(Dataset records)
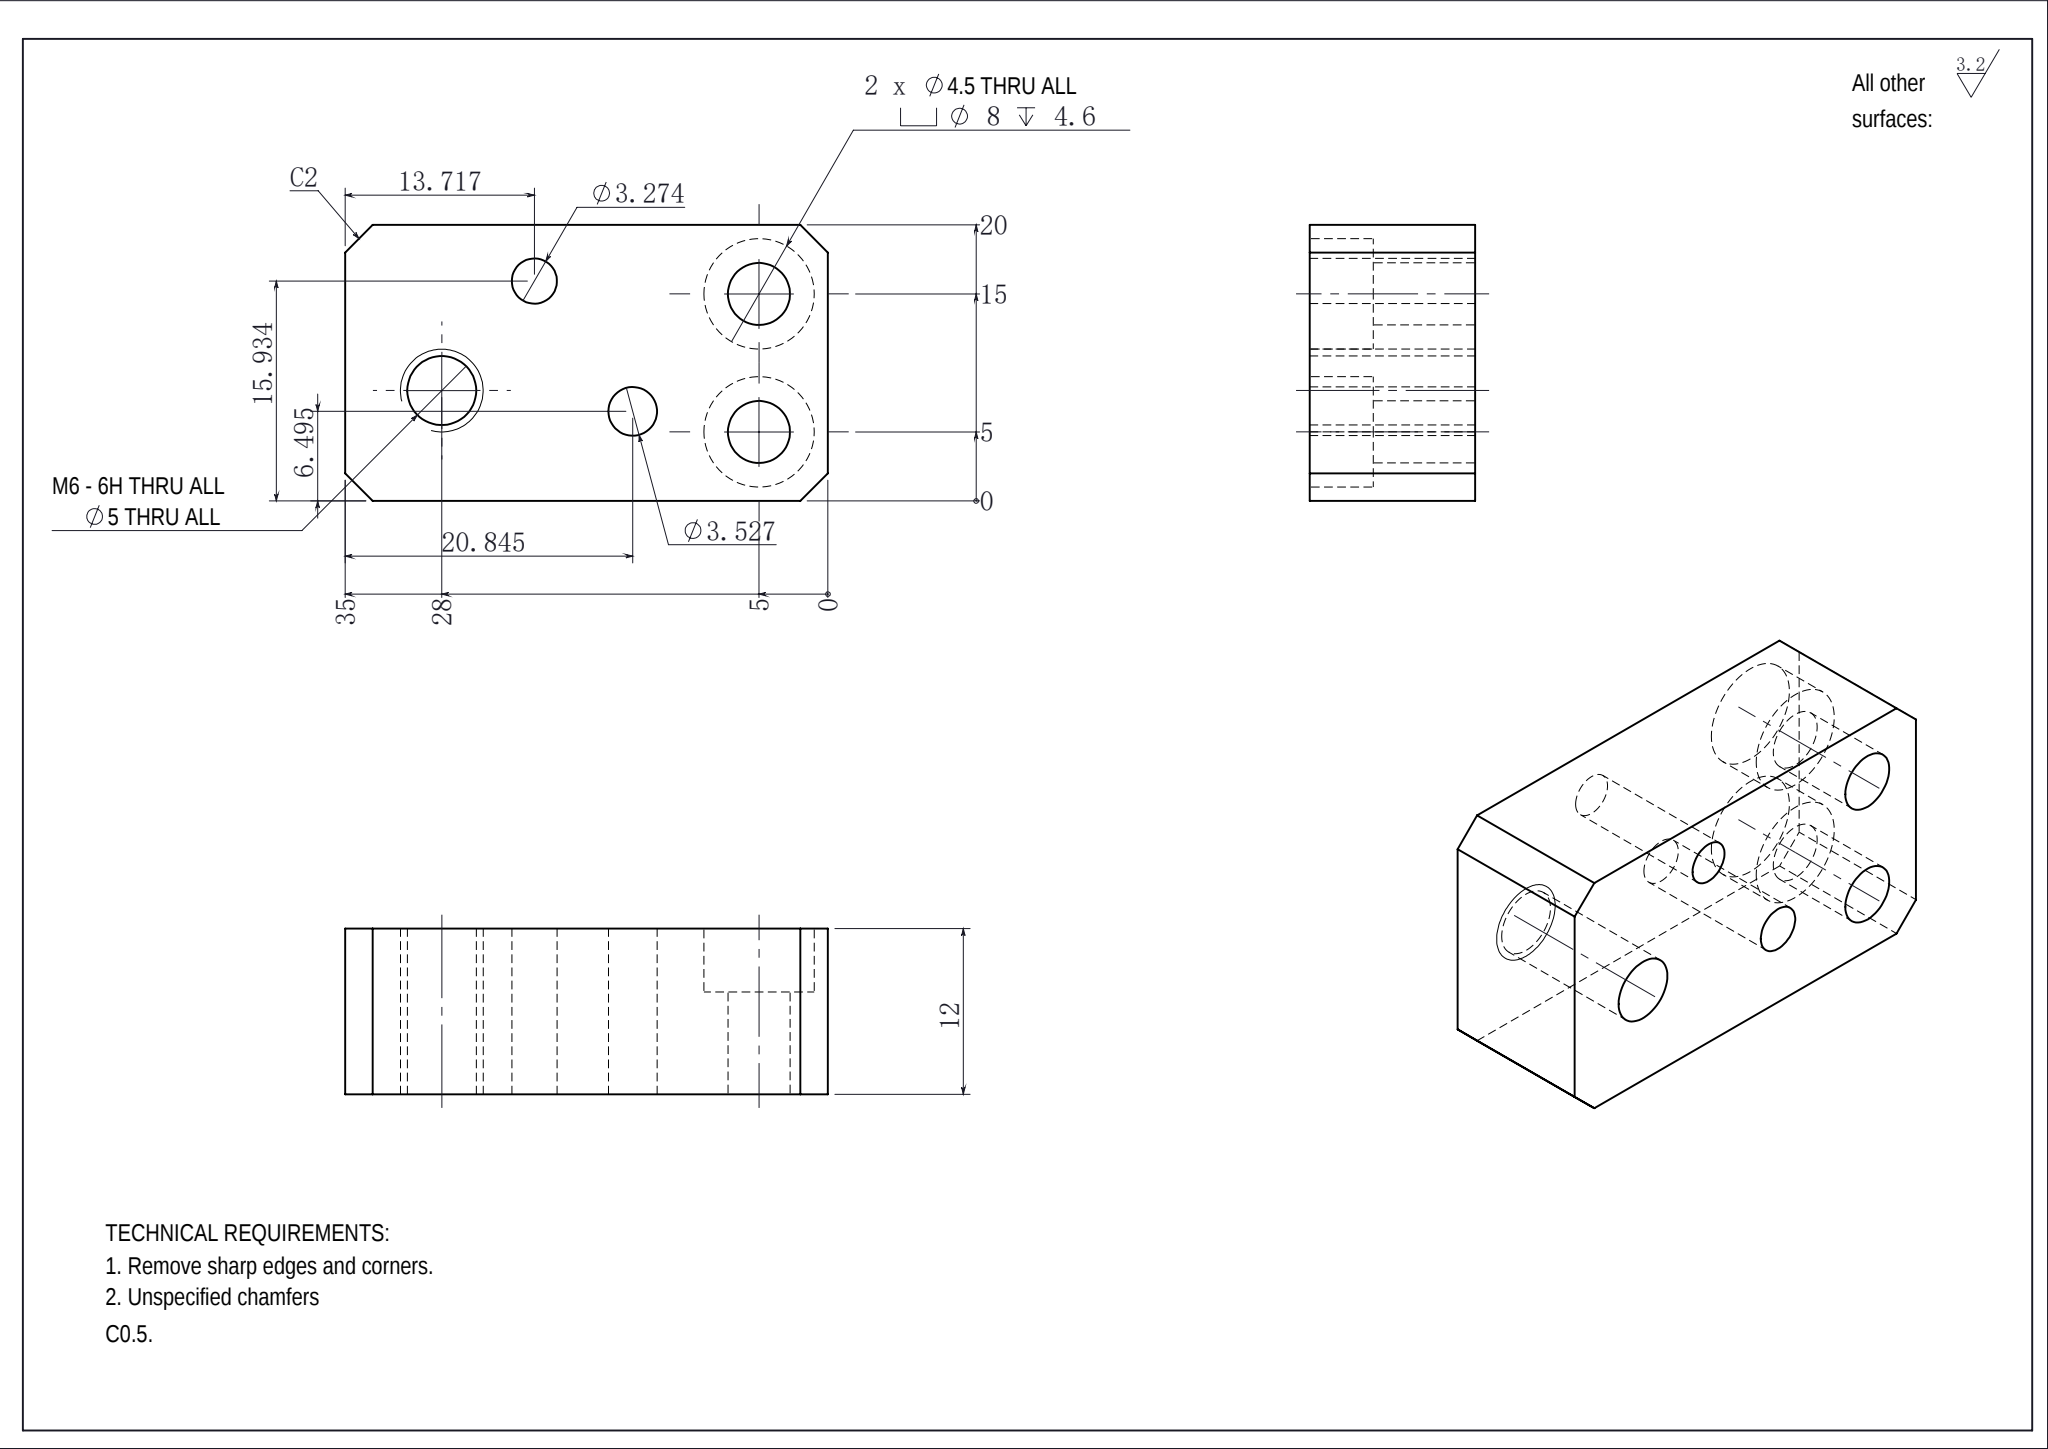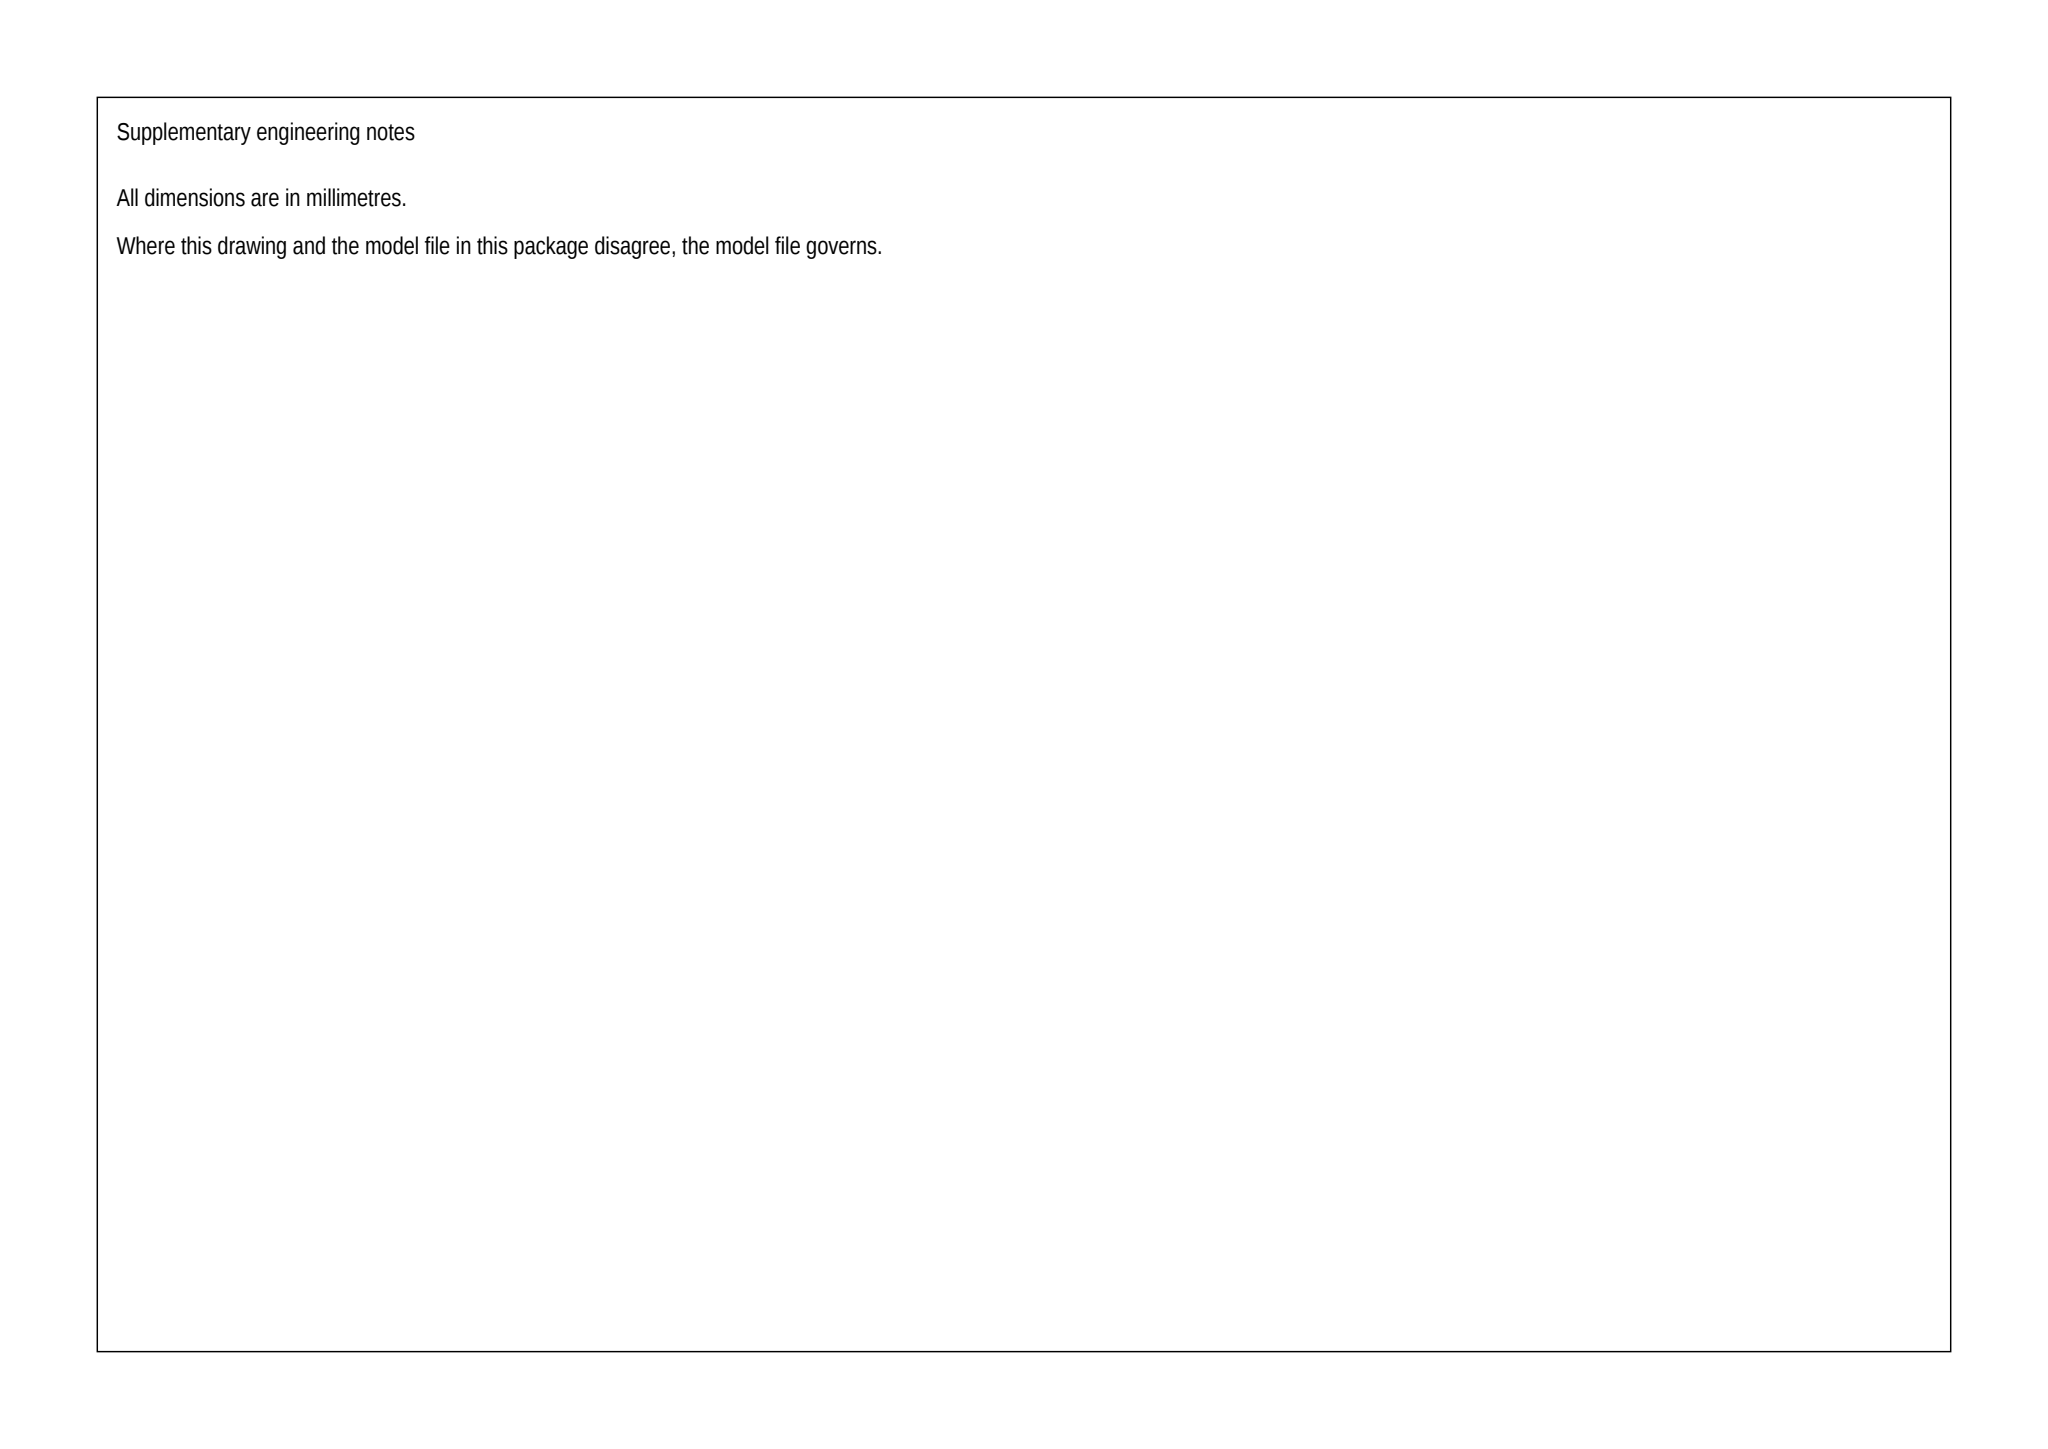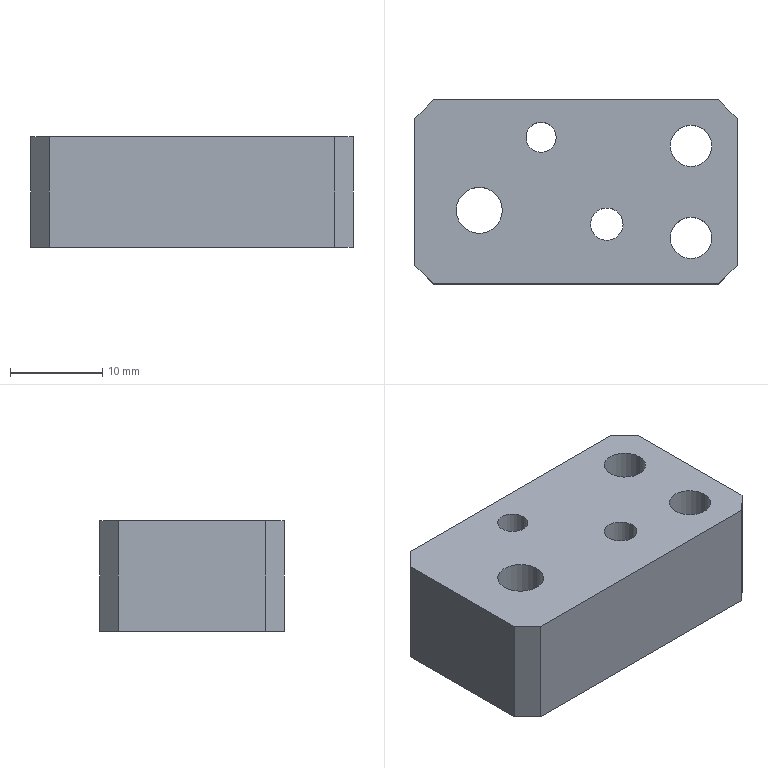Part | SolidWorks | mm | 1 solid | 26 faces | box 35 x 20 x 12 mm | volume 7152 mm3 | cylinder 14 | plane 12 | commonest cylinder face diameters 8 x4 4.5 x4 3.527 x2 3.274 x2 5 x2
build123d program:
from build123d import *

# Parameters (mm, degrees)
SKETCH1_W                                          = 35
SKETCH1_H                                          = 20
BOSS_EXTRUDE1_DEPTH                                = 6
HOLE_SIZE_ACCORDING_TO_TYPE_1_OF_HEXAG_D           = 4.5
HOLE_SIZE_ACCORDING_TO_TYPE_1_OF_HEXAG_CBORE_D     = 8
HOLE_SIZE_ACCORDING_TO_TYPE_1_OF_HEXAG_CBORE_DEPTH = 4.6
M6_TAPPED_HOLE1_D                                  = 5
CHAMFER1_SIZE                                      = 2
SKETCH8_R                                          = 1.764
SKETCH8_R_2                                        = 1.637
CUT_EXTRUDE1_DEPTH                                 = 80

== Task to carry out ==
When you set down the records above, copy every line exactly and exclude the pictures.

== Solved exercise ==
Part | SolidWorks | mm | 1 solid | 26 faces | box 35 x 20 x 12 mm | volume 7152 mm3 | cylinder 14 | plane 12 | commonest cylinder face diameters 8 x4 4.5 x4 3.527 x2 3.274 x2 5 x2
build123d program:
from build123d import *

# Parameters (mm, degrees)
SKETCH1_W                                          = 35
SKETCH1_H                                          = 20
BOSS_EXTRUDE1_DEPTH                                = 6
HOLE_SIZE_ACCORDING_TO_TYPE_1_OF_HEXAG_D           = 4.5
HOLE_SIZE_ACCORDING_TO_TYPE_1_OF_HEXAG_CBORE_D     = 8
HOLE_SIZE_ACCORDING_TO_TYPE_1_OF_HEXAG_CBORE_DEPTH = 4.6
M6_TAPPED_HOLE1_D                                  = 5
CHAMFER1_SIZE                                      = 2
SKETCH8_R                                          = 1.764
SKETCH8_R_2                                        = 1.637
CUT_EXTRUDE1_DEPTH                                 = 80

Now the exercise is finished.